The lines from the beginning of the records below through the one holding "color=1, linetype='DASHED2', lineweight=35)" are to be copied exactly; leave the pictures out.

[Records contained in a dataset]
+ + + +
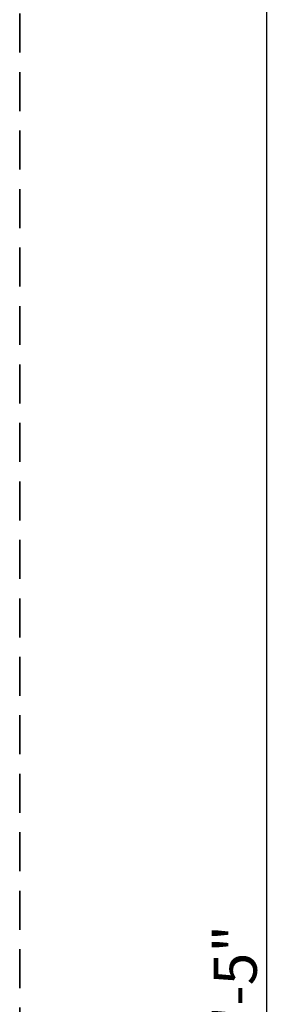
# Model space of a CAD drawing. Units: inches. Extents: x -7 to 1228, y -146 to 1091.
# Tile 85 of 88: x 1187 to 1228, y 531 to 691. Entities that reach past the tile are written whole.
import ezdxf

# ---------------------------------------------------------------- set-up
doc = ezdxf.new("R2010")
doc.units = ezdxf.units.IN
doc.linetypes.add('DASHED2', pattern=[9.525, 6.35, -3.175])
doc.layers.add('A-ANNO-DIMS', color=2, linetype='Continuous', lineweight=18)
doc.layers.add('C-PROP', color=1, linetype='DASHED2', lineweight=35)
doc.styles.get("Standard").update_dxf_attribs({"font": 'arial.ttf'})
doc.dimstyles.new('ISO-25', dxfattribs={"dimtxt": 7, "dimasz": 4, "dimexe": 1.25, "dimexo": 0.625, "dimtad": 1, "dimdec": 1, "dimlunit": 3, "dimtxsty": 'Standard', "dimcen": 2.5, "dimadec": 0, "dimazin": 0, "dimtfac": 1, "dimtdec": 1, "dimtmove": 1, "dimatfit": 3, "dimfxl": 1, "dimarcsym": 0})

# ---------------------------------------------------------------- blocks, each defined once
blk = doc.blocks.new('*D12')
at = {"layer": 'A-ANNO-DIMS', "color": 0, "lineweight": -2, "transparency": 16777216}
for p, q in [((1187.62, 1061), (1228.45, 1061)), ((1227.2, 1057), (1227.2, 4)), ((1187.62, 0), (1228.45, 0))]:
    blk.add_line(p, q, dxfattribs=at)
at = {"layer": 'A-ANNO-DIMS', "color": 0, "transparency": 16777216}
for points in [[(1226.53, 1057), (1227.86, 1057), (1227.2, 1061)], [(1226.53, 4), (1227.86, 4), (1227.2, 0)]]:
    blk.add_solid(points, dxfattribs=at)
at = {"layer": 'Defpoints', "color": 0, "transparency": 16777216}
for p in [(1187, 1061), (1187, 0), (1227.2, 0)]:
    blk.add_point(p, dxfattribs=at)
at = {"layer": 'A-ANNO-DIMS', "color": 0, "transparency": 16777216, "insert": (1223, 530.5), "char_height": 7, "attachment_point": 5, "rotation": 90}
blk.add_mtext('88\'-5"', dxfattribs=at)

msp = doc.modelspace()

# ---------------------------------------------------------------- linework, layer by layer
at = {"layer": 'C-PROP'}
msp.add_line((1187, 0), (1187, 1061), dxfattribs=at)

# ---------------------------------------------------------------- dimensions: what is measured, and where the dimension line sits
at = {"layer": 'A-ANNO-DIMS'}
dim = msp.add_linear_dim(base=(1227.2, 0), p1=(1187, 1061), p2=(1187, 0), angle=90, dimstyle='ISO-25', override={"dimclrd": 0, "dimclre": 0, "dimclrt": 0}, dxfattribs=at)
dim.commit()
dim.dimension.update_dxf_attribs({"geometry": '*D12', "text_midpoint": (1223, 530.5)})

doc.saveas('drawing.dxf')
+ + + +
Solution for this task ::
# Model space of a CAD drawing. Units: inches. Extents: x -7 to 1228, y -146 to 1091.
# Tile 85 of 88: x 1187 to 1228, y 531 to 691. Entities that reach past the tile are written whole.
import ezdxf

# ---------------------------------------------------------------- set-up
doc = ezdxf.new("R2010")
doc.units = ezdxf.units.IN
doc.linetypes.add('DASHED2', pattern=[9.525, 6.35, -3.175])
doc.layers.add('A-ANNO-DIMS', color=2, linetype='Continuous', lineweight=18)
doc.layers.add('C-PROP', color=1, linetype='DASHED2', lineweight=35)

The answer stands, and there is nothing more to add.